## MATERIAL TO PROCESS
......
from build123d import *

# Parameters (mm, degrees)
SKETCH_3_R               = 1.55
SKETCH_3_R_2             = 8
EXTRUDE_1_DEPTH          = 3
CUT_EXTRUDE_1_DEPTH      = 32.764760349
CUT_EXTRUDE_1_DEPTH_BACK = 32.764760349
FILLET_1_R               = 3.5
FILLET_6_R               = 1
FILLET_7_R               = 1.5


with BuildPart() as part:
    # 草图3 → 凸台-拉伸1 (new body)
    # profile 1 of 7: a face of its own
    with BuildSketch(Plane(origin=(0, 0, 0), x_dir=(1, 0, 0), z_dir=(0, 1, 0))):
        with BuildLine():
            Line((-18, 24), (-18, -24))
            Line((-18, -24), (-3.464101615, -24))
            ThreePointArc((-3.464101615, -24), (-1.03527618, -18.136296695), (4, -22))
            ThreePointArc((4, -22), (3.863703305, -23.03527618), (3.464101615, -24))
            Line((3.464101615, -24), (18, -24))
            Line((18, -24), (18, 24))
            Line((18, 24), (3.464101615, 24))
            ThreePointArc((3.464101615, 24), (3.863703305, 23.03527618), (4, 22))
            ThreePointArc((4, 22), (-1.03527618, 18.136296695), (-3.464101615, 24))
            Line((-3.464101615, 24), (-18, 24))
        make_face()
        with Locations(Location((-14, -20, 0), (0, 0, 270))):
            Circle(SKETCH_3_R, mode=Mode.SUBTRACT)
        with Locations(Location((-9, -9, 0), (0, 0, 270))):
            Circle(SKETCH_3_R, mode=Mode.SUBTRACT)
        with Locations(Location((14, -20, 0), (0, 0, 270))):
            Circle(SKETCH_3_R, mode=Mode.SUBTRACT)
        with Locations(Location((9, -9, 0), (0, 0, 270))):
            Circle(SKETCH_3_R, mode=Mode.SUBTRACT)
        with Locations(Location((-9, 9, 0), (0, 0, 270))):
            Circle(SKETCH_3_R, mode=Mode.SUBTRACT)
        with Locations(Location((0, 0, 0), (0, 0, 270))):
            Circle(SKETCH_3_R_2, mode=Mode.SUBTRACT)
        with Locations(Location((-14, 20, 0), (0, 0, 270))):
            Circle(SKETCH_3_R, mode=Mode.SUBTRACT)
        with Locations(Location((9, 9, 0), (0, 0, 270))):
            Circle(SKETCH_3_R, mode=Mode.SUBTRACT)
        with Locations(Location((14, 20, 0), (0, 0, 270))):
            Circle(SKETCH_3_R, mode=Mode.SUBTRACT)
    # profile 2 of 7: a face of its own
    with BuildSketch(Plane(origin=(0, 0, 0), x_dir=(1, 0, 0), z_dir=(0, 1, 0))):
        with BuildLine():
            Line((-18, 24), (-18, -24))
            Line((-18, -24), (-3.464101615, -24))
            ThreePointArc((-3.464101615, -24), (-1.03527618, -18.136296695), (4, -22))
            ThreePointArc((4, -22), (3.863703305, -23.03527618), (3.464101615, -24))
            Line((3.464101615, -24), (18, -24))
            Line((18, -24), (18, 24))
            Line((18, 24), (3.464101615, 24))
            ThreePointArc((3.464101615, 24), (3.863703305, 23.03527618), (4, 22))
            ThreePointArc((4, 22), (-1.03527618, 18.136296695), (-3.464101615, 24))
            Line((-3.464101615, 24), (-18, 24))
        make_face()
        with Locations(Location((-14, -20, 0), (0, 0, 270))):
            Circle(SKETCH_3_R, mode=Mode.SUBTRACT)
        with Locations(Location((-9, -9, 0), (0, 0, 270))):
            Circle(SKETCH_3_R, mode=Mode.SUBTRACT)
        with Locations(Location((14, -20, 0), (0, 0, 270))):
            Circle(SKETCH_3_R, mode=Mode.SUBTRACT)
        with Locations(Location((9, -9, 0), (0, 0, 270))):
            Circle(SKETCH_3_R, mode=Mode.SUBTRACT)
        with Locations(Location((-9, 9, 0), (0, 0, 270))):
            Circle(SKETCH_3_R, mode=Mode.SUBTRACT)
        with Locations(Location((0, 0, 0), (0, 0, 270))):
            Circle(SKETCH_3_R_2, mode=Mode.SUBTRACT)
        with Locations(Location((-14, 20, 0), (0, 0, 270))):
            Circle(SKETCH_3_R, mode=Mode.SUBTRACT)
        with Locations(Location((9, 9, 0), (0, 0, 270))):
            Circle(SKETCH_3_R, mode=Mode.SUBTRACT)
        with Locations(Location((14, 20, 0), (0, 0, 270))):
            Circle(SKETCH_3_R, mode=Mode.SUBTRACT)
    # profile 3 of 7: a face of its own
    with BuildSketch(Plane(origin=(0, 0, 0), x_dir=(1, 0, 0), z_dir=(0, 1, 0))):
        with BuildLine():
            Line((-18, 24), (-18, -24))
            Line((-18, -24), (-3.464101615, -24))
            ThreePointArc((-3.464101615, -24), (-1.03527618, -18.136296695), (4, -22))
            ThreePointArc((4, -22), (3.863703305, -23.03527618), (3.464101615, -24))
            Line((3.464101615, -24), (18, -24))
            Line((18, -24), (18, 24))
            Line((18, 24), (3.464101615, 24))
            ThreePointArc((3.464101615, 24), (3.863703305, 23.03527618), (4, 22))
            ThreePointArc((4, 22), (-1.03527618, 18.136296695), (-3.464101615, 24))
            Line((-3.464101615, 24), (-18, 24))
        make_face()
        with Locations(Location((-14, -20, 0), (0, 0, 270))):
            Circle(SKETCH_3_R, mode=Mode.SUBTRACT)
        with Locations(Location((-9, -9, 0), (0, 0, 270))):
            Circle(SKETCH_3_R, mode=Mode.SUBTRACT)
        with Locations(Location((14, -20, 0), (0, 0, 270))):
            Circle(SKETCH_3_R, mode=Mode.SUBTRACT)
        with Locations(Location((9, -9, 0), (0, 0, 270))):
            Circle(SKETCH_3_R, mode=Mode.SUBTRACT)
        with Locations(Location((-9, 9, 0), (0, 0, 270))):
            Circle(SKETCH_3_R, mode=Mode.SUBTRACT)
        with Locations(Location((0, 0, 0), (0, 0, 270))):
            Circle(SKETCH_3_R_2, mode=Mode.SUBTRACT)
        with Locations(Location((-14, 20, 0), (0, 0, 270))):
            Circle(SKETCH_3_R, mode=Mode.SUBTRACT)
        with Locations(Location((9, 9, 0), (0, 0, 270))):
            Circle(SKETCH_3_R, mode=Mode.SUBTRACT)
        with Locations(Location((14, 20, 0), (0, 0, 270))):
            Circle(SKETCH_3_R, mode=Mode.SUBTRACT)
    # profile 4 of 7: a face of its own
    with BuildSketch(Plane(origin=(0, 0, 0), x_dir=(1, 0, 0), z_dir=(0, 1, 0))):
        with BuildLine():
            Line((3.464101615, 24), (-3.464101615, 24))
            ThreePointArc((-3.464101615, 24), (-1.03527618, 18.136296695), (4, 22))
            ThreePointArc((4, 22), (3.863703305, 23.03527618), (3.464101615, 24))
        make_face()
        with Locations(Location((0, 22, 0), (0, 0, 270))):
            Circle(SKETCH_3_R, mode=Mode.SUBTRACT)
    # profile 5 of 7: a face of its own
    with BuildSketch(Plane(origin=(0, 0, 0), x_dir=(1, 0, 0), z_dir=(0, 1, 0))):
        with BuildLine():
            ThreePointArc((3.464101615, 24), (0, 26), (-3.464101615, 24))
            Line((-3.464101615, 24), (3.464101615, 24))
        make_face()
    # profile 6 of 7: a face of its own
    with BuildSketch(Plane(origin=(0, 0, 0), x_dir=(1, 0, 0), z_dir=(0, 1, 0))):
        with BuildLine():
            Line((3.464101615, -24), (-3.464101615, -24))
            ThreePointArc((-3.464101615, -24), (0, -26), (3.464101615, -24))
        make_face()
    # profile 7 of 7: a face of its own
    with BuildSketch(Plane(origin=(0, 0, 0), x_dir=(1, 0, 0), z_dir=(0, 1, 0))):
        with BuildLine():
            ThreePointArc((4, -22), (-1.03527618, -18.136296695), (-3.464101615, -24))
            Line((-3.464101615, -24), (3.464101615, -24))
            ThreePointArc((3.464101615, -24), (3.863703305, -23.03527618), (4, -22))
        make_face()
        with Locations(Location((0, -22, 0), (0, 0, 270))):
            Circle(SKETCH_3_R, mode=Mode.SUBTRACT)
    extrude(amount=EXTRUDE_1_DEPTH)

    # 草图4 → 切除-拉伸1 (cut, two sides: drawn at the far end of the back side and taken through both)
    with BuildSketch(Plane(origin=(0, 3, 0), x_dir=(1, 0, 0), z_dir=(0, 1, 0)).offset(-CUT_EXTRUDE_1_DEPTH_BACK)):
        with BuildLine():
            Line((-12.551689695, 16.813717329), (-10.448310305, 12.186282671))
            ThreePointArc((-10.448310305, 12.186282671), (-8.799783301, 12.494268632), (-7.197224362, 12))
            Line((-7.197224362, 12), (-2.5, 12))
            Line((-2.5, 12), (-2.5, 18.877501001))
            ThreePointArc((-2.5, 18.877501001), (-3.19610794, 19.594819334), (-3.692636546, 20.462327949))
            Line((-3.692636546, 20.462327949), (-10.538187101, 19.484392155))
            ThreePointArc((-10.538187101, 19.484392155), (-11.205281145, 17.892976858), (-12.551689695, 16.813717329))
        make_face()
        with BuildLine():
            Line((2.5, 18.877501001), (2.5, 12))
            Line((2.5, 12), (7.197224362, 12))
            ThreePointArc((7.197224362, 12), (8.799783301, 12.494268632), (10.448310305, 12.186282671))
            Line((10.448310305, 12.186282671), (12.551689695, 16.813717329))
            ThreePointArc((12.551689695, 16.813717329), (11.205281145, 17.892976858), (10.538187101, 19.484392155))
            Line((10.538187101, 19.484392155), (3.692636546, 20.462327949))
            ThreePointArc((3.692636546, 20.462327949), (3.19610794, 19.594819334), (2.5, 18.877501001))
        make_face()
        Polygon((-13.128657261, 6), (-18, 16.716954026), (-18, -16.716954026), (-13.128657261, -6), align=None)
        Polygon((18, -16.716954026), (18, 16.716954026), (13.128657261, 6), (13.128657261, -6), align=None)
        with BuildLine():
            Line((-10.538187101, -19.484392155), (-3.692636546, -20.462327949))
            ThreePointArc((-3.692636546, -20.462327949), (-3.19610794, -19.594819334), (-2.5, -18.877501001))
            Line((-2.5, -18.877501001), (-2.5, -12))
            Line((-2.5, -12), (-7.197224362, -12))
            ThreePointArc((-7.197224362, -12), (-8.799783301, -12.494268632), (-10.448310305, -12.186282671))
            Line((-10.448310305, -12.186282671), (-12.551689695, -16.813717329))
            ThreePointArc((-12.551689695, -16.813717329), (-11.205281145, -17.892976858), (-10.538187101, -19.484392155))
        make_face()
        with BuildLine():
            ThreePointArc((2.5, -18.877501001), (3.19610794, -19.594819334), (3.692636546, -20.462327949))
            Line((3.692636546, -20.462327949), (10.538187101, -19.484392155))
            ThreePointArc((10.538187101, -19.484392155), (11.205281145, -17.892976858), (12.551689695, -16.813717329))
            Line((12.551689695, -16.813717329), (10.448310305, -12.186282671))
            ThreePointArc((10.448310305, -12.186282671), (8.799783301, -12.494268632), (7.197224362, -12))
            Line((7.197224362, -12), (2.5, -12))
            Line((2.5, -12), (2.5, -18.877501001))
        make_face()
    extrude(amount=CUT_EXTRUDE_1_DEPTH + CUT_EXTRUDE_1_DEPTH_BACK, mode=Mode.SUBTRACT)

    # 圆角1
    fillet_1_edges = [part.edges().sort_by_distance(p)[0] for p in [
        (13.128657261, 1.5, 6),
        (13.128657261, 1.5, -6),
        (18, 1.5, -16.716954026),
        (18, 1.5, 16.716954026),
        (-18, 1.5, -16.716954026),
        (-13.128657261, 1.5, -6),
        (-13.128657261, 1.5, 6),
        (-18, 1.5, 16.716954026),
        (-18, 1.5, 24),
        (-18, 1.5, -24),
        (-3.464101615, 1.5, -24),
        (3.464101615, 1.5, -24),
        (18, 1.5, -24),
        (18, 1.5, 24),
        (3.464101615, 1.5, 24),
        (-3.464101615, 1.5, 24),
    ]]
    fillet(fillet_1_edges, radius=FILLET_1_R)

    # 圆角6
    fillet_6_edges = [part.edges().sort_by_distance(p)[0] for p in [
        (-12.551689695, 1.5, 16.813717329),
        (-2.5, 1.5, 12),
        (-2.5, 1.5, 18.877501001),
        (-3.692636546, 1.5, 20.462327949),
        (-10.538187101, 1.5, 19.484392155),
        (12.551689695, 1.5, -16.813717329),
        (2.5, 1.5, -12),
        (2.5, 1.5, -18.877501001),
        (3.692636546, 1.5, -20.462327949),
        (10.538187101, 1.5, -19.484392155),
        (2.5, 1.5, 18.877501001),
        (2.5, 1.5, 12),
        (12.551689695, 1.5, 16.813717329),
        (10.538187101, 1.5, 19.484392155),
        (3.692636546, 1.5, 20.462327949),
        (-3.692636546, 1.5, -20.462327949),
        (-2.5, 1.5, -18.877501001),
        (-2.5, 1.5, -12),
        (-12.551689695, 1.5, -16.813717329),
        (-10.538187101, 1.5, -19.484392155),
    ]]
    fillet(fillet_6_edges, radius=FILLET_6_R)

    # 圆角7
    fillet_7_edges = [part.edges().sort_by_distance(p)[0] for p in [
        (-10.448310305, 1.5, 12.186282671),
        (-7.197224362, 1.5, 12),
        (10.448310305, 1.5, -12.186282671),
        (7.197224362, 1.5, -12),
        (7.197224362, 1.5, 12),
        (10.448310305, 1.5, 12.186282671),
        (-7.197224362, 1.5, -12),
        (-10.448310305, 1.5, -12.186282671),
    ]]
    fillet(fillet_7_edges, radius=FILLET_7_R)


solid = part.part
......
## TASK DETAILS
Lines containing the string "None" in the listing: say how many there are, giving only the number.

## COMPLETED EXERCISE
2